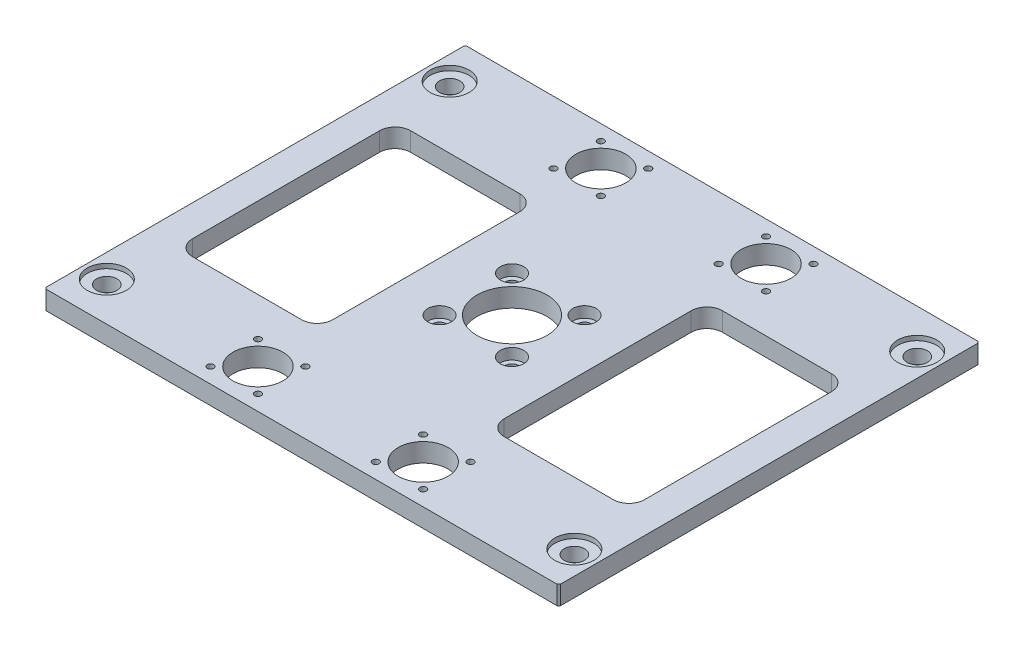
SolidWorks part; units mm, degrees
material "S45C"
ref_plane "Front Plane" through (0, 0, 0) normal (0, 0, 1) x (1, 0, 0)
ref_plane "Top Plane" through (0, 0, 0) normal (0, 1, 0) x (1, 0, 0)
ref_plane "Right Plane" through (0, 0, 0) normal (1, 0, 0) x (0, 0, -1)
sketch "Sketch1" plane through (0, 0, 0) normal (0, 1, 0) x (1, 0, 0)
  line L1 (-165, -135) -> (165, -135)
  line L2 (-165, -135) -> (-165, 135)
  line L3 (-165, 135) -> (165, 135)
  line L4 (165, -135) -> (165, 135)
  line L5 (-165, -135) -> (165, 135) construction
  line L6 (-165, 135) -> (165, -135) construction
  point P0 (0, 0)
  dimension "D1" = 330
  dimension "D2" = 270
extrude "Boss-Extrude1" add sketch "Sketch1" along normal mid plane 12
sketch "Sketch2" plane through (0, 6, 0) normal (0, 1, 0) x (1, 0, 0)
  line L0 (0, 0) -> (0, 139.4481) construction
  line L5 (0, 0) -> (-105.8517, 0) construction
  circle A0 centre (-53, 110) radius 16
  circle A1 centre (53, 110) radius 16
  circle A2 centre (53, -110) radius 16
  circle A3 centre (-53, -110) radius 16
  dimension "D1" = 32
  dimension "D2" = 106
  dimension "D3" = 220
extrude "Cut-Extrude1" cut sketch "Sketch2" against normal through all
sketch "Sketch3" plane through (0, 6, 0) normal (0, 1, 0) x (1, 0, 0)
  circle A0 centre (0, 0) radius 22.5
  dimension "D1" = 45
extrude "Cut-Extrude2" cut sketch "Sketch3" against normal through all
sketch "Sketch4" plane through (0, 6, 0) normal (0, 1, 0) x (1, 0, 0)
  line L0 (0, 0) -> (182.6517, 0) construction
  line L1 (0, 0) -> (0, 150.1483) construction
  line L2 (-165, 135) -> (-165, -135) construction
  line L3 (165, 135) -> (-165, 135) construction
  circle A0 centre (-150, 110) radius 12.5
  circle A1 centre (150, 110) radius 12.5
  circle A2 centre (150, -110) radius 12.5
  circle A3 centre (-150, -110) radius 12.5
  dimension "D1" = 25
  dimension "D2" = 15
  dimension "D3" = 25
extrude "Cut-Extrude3" cut sketch "Sketch4" against normal blind 3
hole_wizard "M12 Clearance Hole1" positions "Sketch5" profile "Sketch6" hole size "M12" standard "GB" end condition through all
sketch "Sketch5" plane through (0, -6, 0) normal (0, -1, 0) x (-1, 0, 0)
  point P0 (150, -110)
  point P3 (-150, -110)
  point P6 (150, 110)
  point P9 (-150, 110)
sketch "Sketch6" plane through (-150, -6, 110) normal (1, 0, 0) x (0, 0, -1)
  line L0 (0, 0) -> (0, 12)
  line L1 (0, 12) -> (6.5, 12)
  line L2 (6.5, 12) -> (6.5, 0)
  line L5 (6.5, 0) -> (0, 0)
  line L11 (0, -6.35) -> (0, 107.95) construction
  dimension "通孔孔直径" = 13
  dimension "通孔孔深度" = 12
hole_wizard "M5 Tapped Hole1" positions "Sketch7" profile "Sketch8" tap size "M5" standard "GB" end condition through all
sketch "Sketch7" plane through (0, 6, 0) normal (0, 1, 0) x (1, 0, 0)
  line L14 (-53, 110) -> (-196.07, 110) construction
  line L17 (-53, 110) -> (-53, 155.9259) construction
  line L18 (-53, 110) -> (-68.2028, 125.2028) construction
  line L21 (0, 0) -> (0, 177.0957) construction
  line L24 (0, 0) -> (-214.5584, 0) construction
  circle A0 centre (-53, 110) radius 21.5 construction
  point P264 (-68.2028, 125.2028)
  point P267 (-37.7972, 125.2028)
  point P268 (-37.7972, 94.7972)
  point P269 (-68.2028, 94.7972)
  point P293 (37.7972, 125.2028)
  point P294 (37.7972, 94.7972)
  point P295 (68.2028, 94.7972)
  point P296 (68.2028, 125.2028)
  point P298 (68.2028, -125.2028)
  point P299 (68.2028, -94.7972)
  point P300 (37.7972, -94.7972)
  point P301 (37.7972, -125.2028)
  point P302 (-37.7972, -125.2028)
  point P303 (-37.7972, -94.7972)
  point P304 (-68.2028, -94.7972)
  point P305 (-68.2028, -125.2028)
  dimension "D2" = 43
  dimension "D1" = 45
sketch "Sketch8" plane through (-68.2028, 6, 125.2028) normal (1, 0, 0) x (0, 0, 1)
  line L0 (0, 0) -> (0, 12)
  line L1 (0, 12) -> (2.1, 12)
  line L2 (2.1, 12) -> (2.1, 0)
  line L5 (2.1, 0) -> (0, 0)
  line L11 (0, -6.35) -> (0, 107.95) construction
  dimension "通孔螺纹孔钻头直径" = 4.2
  dimension "通孔螺纹孔钻头深度" = 12
cosmetic thread "Cosmetic thread 1" parameters "D2"=5
cosmetic thread "Cosmetic thread 2" parameters "D2"=5
cosmetic thread "Cosmetic thread 3" parameters "D2"=5
cosmetic thread "Cosmetic thread 4" parameters "D2"=5
cosmetic thread "Cosmetic thread 5" parameters "D2"=5
cosmetic thread "Cosmetic thread 6" parameters "D2"=5
cosmetic thread "Cosmetic thread 7" parameters "D2"=5
cosmetic thread "Cosmetic thread 8" parameters "D2"=5
cosmetic thread "Cosmetic thread 9" parameters "D2"=5
cosmetic thread "Cosmetic thread 10" parameters "D2"=5
cosmetic thread "Cosmetic thread 11" parameters "D2"=5
cosmetic thread "Cosmetic thread 12" parameters "D2"=5
cosmetic thread "Cosmetic thread 13" parameters "D2"=5
cosmetic thread "Cosmetic thread 14" parameters "D2"=5
cosmetic thread "Cosmetic thread 15" parameters "D2"=5
cosmetic thread "Cosmetic thread 16" parameters "D2"=5
hole_wizard "Hole size per socket head cap screw type 1" positions "Sketch9" profile "Sketch10" counterbore size "M8" standard "GB" end condition through all
sketch "Sketch9" plane through (0, 6, 0) normal (0, 1, 0) x (1, 0, 0)
  line L8 (-23.25, -23.25) -> (23.25, -23.25) construction
  line L9 (-23.25, -23.25) -> (-23.25, 23.25) construction
  line L10 (-23.25, 23.25) -> (23.25, 23.25) construction
  line L11 (23.25, -23.25) -> (23.25, 23.25) construction
  line L12 (-23.25, -23.25) -> (23.25, 23.25) construction
  line L13 (-23.25, 23.25) -> (23.25, -23.25) construction
  point P153 (0, 0)
  point P154 (23.25, 23.25)
  point P259 (-23.25, -23.25)
  point P260 (-23.25, 23.25)
  point P261 (23.25, -23.25)
  dimension "D1" = 46.5
sketch "Sketch10" plane through (0, 6, 0) normal (1, 0, 0) x (0, 0, 1)
  line L0 (0, 0) -> (0, 12)
  line L1 (0, 12) -> (4.5, 12)
  line L3 (4.5, 12) -> (4.5, 7)
  line L4 (4.5, 7) -> (7.5, 7)
  line L5 (7.5, 7) -> (7.5, 0)
  line L7 (7.5, 0) -> (0, 0)
  line L11 (0, -6.35) -> (0, 107.95) construction
  dimension "通孔孔直径" = 9
  dimension "通孔孔深度" = 12
  dimension "柱形沉头孔直径" = 15
  dimension "柱形沉头孔深度" = 7
chamfer "Chamfer1" distance 1 angle 45 4 edges at (-165, 0, 135) (-165, 0, -135) (165, 0, -135) (165, 0, 135)
sketch "Sketch11" plane through (0, 6, 0) normal (0, 1, 0) x (1, 0, 0)
  line L0 (0, 10) -> (0, 165.6809) construction
  line L1 (-10, 0) -> (-200.8881, 0) construction
  line L2 (-165, 134) -> (-165, -134) construction
  line L3 (-135, 70) -> (-65, 70)
  line L4 (-145, 60) -> (-145, -60)
  line L5 (-135, -70) -> (-65, -70)
  line L6 (-55, 60) -> (-55, -60)
  line L7 (55, 60) -> (55, -60)
  line L8 (135, -70) -> (65, -70)
  line L9 (145, 60) -> (145, -60)
  line L10 (135, 70) -> (65, 70)
  arc A0 (-145, -60) -> (-135, -70) centre (-135, -60) ccw
  arc A1 (-65, -70) -> (-55, -60) centre (-65, -60) ccw
  arc A2 (-55, 60) -> (-65, 70) centre (-65, 60) ccw
  arc A3 (-135, 70) -> (-145, 60) centre (-135, 60) ccw
  arc A4 (0, 10) -> (-10, 0) centre (-10, 10) cw construction
  arc A5 (0, 10) -> (10, 0) centre (10, 10) ccw construction
  arc A6 (135, 70) -> (145, 60) centre (135, 60) cw
  arc A7 (55, 60) -> (65, 70) centre (65, 60) cw
  arc A8 (65, -70) -> (55, -60) centre (65, -60) cw
  arc A9 (145, -60) -> (135, -70) centre (135, -60) cw
  point P12 (-145, -70)
  point P17 (-55, 70)
  point P20 (-145, 70)
  point P23 (0, 0)
  dimension "D4" = 10
  dimension "D5" = 10
  dimension "D1" = 90
  dimension "D2" = 20
  dimension "D3" = 140
extrude "Cut-Extrude4" cut sketch "Sketch11" against normal through all
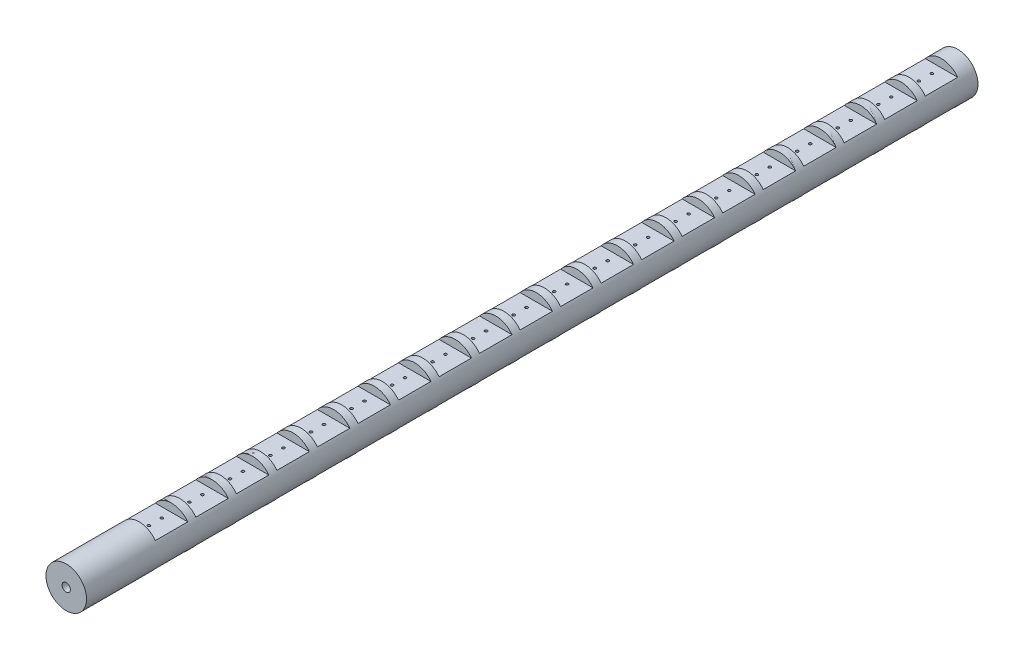
from build123d import *

# Parameters (mm, degrees)
SKETCH1_R                  = 25
BOSS_EXTRUDE1_DEPTH        = 1100
M12_TAPPED_HOLE1_D         = 10.2
M12_TAPPED_HOLE1_DEPTH     = 29.25
M12_TAPPED_HOLE1_TIP       = 3.064389157
SKETCH3_R                  = 10
CUT_EXTRUDE1_DEPTH         = 484
CUT_EXTRUDE2_START         = -15
SKETCH4_W                  = 50
SKETCH4_H                  = 40
CUT_EXTRUDE2_DEPTH         = 484
M4_TAPPED_HOLE1_AT_2_COUNT = 2
M4_TAPPED_HOLE1_AT_2_PITCH = 16
LPATTERN1_COUNT            = 20
LPATTERN1_PITCH            = 50
MIRROR1_START              = -15
MIRROR1_COPY_2_SKETCH_W    = 50
MIRROR1_COPY_2_SKETCH_H    = 40
MIRROR1_COPY_2_DEPTH       = 484
MIRROR1_COPY_3_SKETCH_W    = 50
MIRROR1_COPY_3_SKETCH_H    = 40
MIRROR1_COPY_3_DEPTH       = 484
MIRROR1_COPY_4_SKETCH_W    = 50
MIRROR1_COPY_4_SKETCH_H    = 40
MIRROR1_COPY_4_DEPTH       = 484
MIRROR1_COPY_5_SKETCH_W    = 50
MIRROR1_COPY_5_SKETCH_H    = 40
MIRROR1_COPY_5_DEPTH       = 484
MIRROR1_COPY_6_SKETCH_W    = 50
MIRROR1_COPY_6_SKETCH_H    = 40
MIRROR1_COPY_6_DEPTH       = 484
MIRROR1_COPY_7_SKETCH_W    = 50
MIRROR1_COPY_7_SKETCH_H    = 40
MIRROR1_COPY_7_DEPTH       = 484
MIRROR1_COPY_8_SKETCH_W    = 50
MIRROR1_COPY_8_SKETCH_H    = 40
MIRROR1_COPY_8_DEPTH       = 484
MIRROR1_COPY_9_SKETCH_W    = 50
MIRROR1_COPY_9_SKETCH_H    = 40
MIRROR1_COPY_9_DEPTH       = 484
MIRROR1_COPY_10_SKETCH_W   = 50
MIRROR1_COPY_10_SKETCH_H   = 40
MIRROR1_COPY_10_DEPTH      = 484
MIRROR1_COPY_11_SKETCH_W   = 50
MIRROR1_COPY_11_SKETCH_H   = 40
MIRROR1_COPY_11_DEPTH      = 484
MIRROR1_COPY_12_SKETCH_W   = 50
MIRROR1_COPY_12_SKETCH_H   = 40
MIRROR1_COPY_12_DEPTH      = 484
MIRROR1_COPY_13_SKETCH_W   = 50
MIRROR1_COPY_13_SKETCH_H   = 40
MIRROR1_COPY_13_DEPTH      = 484
MIRROR1_COPY_14_SKETCH_W   = 50
MIRROR1_COPY_14_SKETCH_H   = 40
MIRROR1_COPY_14_DEPTH      = 484
MIRROR1_COPY_15_SKETCH_W   = 50
MIRROR1_COPY_15_SKETCH_H   = 40
MIRROR1_COPY_15_DEPTH      = 484
MIRROR1_COPY_16_SKETCH_W   = 50
MIRROR1_COPY_16_SKETCH_H   = 40
MIRROR1_COPY_16_DEPTH      = 484
MIRROR1_COPY_17_SKETCH_W   = 50
MIRROR1_COPY_17_SKETCH_H   = 40
MIRROR1_COPY_17_DEPTH      = 484
MIRROR1_COPY_18_SKETCH_W   = 50
MIRROR1_COPY_18_SKETCH_H   = 40
MIRROR1_COPY_18_DEPTH      = 484
MIRROR1_COPY_19_SKETCH_W   = 50
MIRROR1_COPY_19_SKETCH_H   = 40
MIRROR1_COPY_19_DEPTH      = 484
MIRROR1_COPY_20_SKETCH_W   = 50
MIRROR1_COPY_20_SKETCH_H   = 40
MIRROR1_COPY_20_DEPTH      = 484
M4_TAPPED_HOLE2_D          = 3.3
M4_TAPPED_HOLE2_DEPTH      = 10.1
M4_TAPPED_HOLE2_TIP        = 0.991420021


with BuildPart() as part:
    # Sketch1 → Boss-Extrude1 (new body)
    with BuildSketch(Plane.XY):
        Circle(SKETCH1_R)
    extrude(amount=BOSS_EXTRUDE1_DEPTH)

    # M12 Tapped Hole1
    with Locations(Plane.XY.offset(1100)):
        with Locations((0, 0)):
            Hole(M12_TAPPED_HOLE1_D / 2, depth=M12_TAPPED_HOLE1_DEPTH)
            with Locations((0, 0, -(M12_TAPPED_HOLE1_DEPTH + M12_TAPPED_HOLE1_TIP / 2))):  # 118° drill point
                Cone(0, M12_TAPPED_HOLE1_D / 2, M12_TAPPED_HOLE1_TIP, mode=Mode.SUBTRACT)

    # Sketch3 → Cut-Extrude1 (cut)
    with BuildSketch(Plane(origin=(0, 0, 0), x_dir=(-1, 0, 0), z_dir=(0, 0, -1))):
        Circle(SKETCH3_R)
    extrude(amount=-CUT_EXTRUDE1_DEPTH, mode=Mode.SUBTRACT)

    # Sketch4 → Cut-Extrude2 (cut)
    with BuildSketch(Plane(origin=(0, 0, 0), x_dir=(1, 0, 0), z_dir=(0, 1, 0)).offset(CUT_EXTRUDE2_START)):
        with Locations((0, -40)):
            Rectangle(SKETCH4_W, SKETCH4_H)
    cut_extrude2 = extrude(amount=-CUT_EXTRUDE2_DEPTH, mode=Mode.SUBTRACT)

    # Sketch6 → M4 Tapped Hole1 (revolve, cut)
    with BuildSketch(Plane(origin=(0, -15, 48), x_dir=(0, 0, -1), z_dir=(1, 0, 0))):
        Polygon((0, 0), (0, 11.091420021), (1.65, 10.1), (1.65, 0), align=None)
    m4_tapped_hole1 = revolve(axis=Axis((0, -21.35, 48), (0, 1, 0)), mode=Mode.SUBTRACT)

    # M4 Tapped Hole1 at 2: M4 Tapped Hole1 ×2
    with Locations(*[(0, 0, -i * M4_TAPPED_HOLE1_AT_2_PITCH) for i in range(1, M4_TAPPED_HOLE1_AT_2_COUNT)]):
        add(m4_tapped_hole1, mode=Mode.SUBTRACT)

    # LPattern1: Cut-Extrude2, M4 Tapped Hole1 ×20
    with Locations(*[(0, 0, i * LPATTERN1_PITCH) for i in range(1, LPATTERN1_COUNT)]):
        add(cut_extrude2, mode=Mode.SUBTRACT)
        add(m4_tapped_hole1, mode=Mode.SUBTRACT)

    # LPattern1 copy 1 sketch → LPattern1 copy 1 (revolve, cut)
    with BuildSketch(Plane(origin=(0, -15, 82), x_dir=(0, 0, -1), z_dir=(1, 0, 0))):
        Polygon((0, 0), (0, 11.091420021), (1.65, 10.1), (1.65, 0), align=None)
    revolve(axis=Axis((0, -21.35, 82), (0, 1, 0)), mode=Mode.SUBTRACT)

    # LPattern1 copy 2 sketch → LPattern1 copy 2 (revolve, cut)
    with BuildSketch(Plane(origin=(0, -15, 132), x_dir=(0, 0, -1), z_dir=(1, 0, 0))):
        Polygon((0, 0), (0, 11.091420021), (1.65, 10.1), (1.65, 0), align=None)
    revolve(axis=Axis((0, -21.35, 132), (0, 1, 0)), mode=Mode.SUBTRACT)

    # LPattern1 copy 3 sketch → LPattern1 copy 3 (revolve, cut)
    with BuildSketch(Plane(origin=(0, -15, 182), x_dir=(0, 0, -1), z_dir=(1, 0, 0))):
        Polygon((0, 0), (0, 11.091420021), (1.65, 10.1), (1.65, 0), align=None)
    revolve(axis=Axis((0, -21.35, 182), (0, 1, 0)), mode=Mode.SUBTRACT)

    # LPattern1 copy 4 sketch → LPattern1 copy 4 (revolve, cut)
    with BuildSketch(Plane(origin=(0, -15, 232), x_dir=(0, 0, -1), z_dir=(1, 0, 0))):
        Polygon((0, 0), (0, 11.091420021), (1.65, 10.1), (1.65, 0), align=None)
    revolve(axis=Axis((0, -21.35, 232), (0, 1, 0)), mode=Mode.SUBTRACT)

    # LPattern1 copy 5 sketch → LPattern1 copy 5 (revolve, cut)
    with BuildSketch(Plane(origin=(0, -15, 282), x_dir=(0, 0, -1), z_dir=(1, 0, 0))):
        Polygon((0, 0), (0, 11.091420021), (1.65, 10.1), (1.65, 0), align=None)
    revolve(axis=Axis((0, -21.35, 282), (0, 1, 0)), mode=Mode.SUBTRACT)

    # LPattern1 copy 6 sketch → LPattern1 copy 6 (revolve, cut)
    with BuildSketch(Plane(origin=(0, -15, 332), x_dir=(0, 0, -1), z_dir=(1, 0, 0))):
        Polygon((0, 0), (0, 11.091420021), (1.65, 10.1), (1.65, 0), align=None)
    revolve(axis=Axis((0, -21.35, 332), (0, 1, 0)), mode=Mode.SUBTRACT)

    # LPattern1 copy 7 sketch → LPattern1 copy 7 (revolve, cut)
    with BuildSketch(Plane(origin=(0, -15, 382), x_dir=(0, 0, -1), z_dir=(1, 0, 0))):
        Polygon((0, 0), (0, 11.091420021), (1.65, 10.1), (1.65, 0), align=None)
    revolve(axis=Axis((0, -21.35, 382), (0, 1, 0)), mode=Mode.SUBTRACT)

    # LPattern1 copy 8 sketch → LPattern1 copy 8 (revolve, cut)
    with BuildSketch(Plane(origin=(0, -15, 432), x_dir=(0, 0, -1), z_dir=(1, 0, 0))):
        Polygon((0, 0), (0, 11.091420021), (1.65, 10.1), (1.65, 0), align=None)
    revolve(axis=Axis((0, -21.35, 432), (0, 1, 0)), mode=Mode.SUBTRACT)

    # LPattern1 copy 9 sketch → LPattern1 copy 9 (revolve, cut)
    with BuildSketch(Plane(origin=(0, -15, 482), x_dir=(0, 0, -1), z_dir=(1, 0, 0))):
        Polygon((0, 0), (0, 11.091420021), (1.65, 10.1), (1.65, 0), align=None)
    revolve(axis=Axis((0, -21.35, 482), (0, 1, 0)), mode=Mode.SUBTRACT)

    # LPattern1 copy 10 sketch → LPattern1 copy 10 (revolve, cut)
    with BuildSketch(Plane(origin=(0, -15, 532), x_dir=(0, 0, -1), z_dir=(1, 0, 0))):
        Polygon((0, 0), (0, 11.091420021), (1.65, 10.1), (1.65, 0), align=None)
    revolve(axis=Axis((0, -21.35, 532), (0, 1, 0)), mode=Mode.SUBTRACT)

    # LPattern1 copy 11 sketch → LPattern1 copy 11 (revolve, cut)
    with BuildSketch(Plane(origin=(0, -15, 582), x_dir=(0, 0, -1), z_dir=(1, 0, 0))):
        Polygon((0, 0), (0, 11.091420021), (1.65, 10.1), (1.65, 0), align=None)
    revolve(axis=Axis((0, -21.35, 582), (0, 1, 0)), mode=Mode.SUBTRACT)

    # LPattern1 copy 12 sketch → LPattern1 copy 12 (revolve, cut)
    with BuildSketch(Plane(origin=(0, -15, 632), x_dir=(0, 0, -1), z_dir=(1, 0, 0))):
        Polygon((0, 0), (0, 11.091420021), (1.65, 10.1), (1.65, 0), align=None)
    revolve(axis=Axis((0, -21.35, 632), (0, 1, 0)), mode=Mode.SUBTRACT)

    # LPattern1 copy 13 sketch → LPattern1 copy 13 (revolve, cut)
    with BuildSketch(Plane(origin=(0, -15, 682), x_dir=(0, 0, -1), z_dir=(1, 0, 0))):
        Polygon((0, 0), (0, 11.091420021), (1.65, 10.1), (1.65, 0), align=None)
    revolve(axis=Axis((0, -21.35, 682), (0, 1, 0)), mode=Mode.SUBTRACT)

    # LPattern1 copy 14 sketch → LPattern1 copy 14 (revolve, cut)
    with BuildSketch(Plane(origin=(0, -15, 732), x_dir=(0, 0, -1), z_dir=(1, 0, 0))):
        Polygon((0, 0), (0, 11.091420021), (1.65, 10.1), (1.65, 0), align=None)
    revolve(axis=Axis((0, -21.35, 732), (0, 1, 0)), mode=Mode.SUBTRACT)

    # LPattern1 copy 15 sketch → LPattern1 copy 15 (revolve, cut)
    with BuildSketch(Plane(origin=(0, -15, 782), x_dir=(0, 0, -1), z_dir=(1, 0, 0))):
        Polygon((0, 0), (0, 11.091420021), (1.65, 10.1), (1.65, 0), align=None)
    revolve(axis=Axis((0, -21.35, 782), (0, 1, 0)), mode=Mode.SUBTRACT)

    # LPattern1 copy 16 sketch → LPattern1 copy 16 (revolve, cut)
    with BuildSketch(Plane(origin=(0, -15, 832), x_dir=(0, 0, -1), z_dir=(1, 0, 0))):
        Polygon((0, 0), (0, 11.091420021), (1.65, 10.1), (1.65, 0), align=None)
    revolve(axis=Axis((0, -21.35, 832), (0, 1, 0)), mode=Mode.SUBTRACT)

    # LPattern1 copy 17 sketch → LPattern1 copy 17 (revolve, cut)
    with BuildSketch(Plane(origin=(0, -15, 882), x_dir=(0, 0, -1), z_dir=(1, 0, 0))):
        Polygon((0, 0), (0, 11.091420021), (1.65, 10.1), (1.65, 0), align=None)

**********

Problem to solve:
Pictures stay out. Print the data exactly, from its first line through the line containing "line L3 (-165, 135) -> (165, 135)".

Task output:
SolidWorks part; units mm, degrees
material "S45C"
ref_plane "Front Plane" through (0, 0, 0) normal (0, 0, 1) x (1, 0, 0)
ref_plane "Top Plane" through (0, 0, 0) normal (0, 1, 0) x (1, 0, 0)
ref_plane "Right Plane" through (0, 0, 0) normal (1, 0, 0) x (0, 0, -1)
sketch "Sketch1" plane through (0, 0, 0) normal (0, 1, 0) x (1, 0, 0)
  line L1 (-165, -135) -> (165, -135)
  line L2 (-165, -135) -> (-165, 135)
  line L3 (-165, 135) -> (165, 135)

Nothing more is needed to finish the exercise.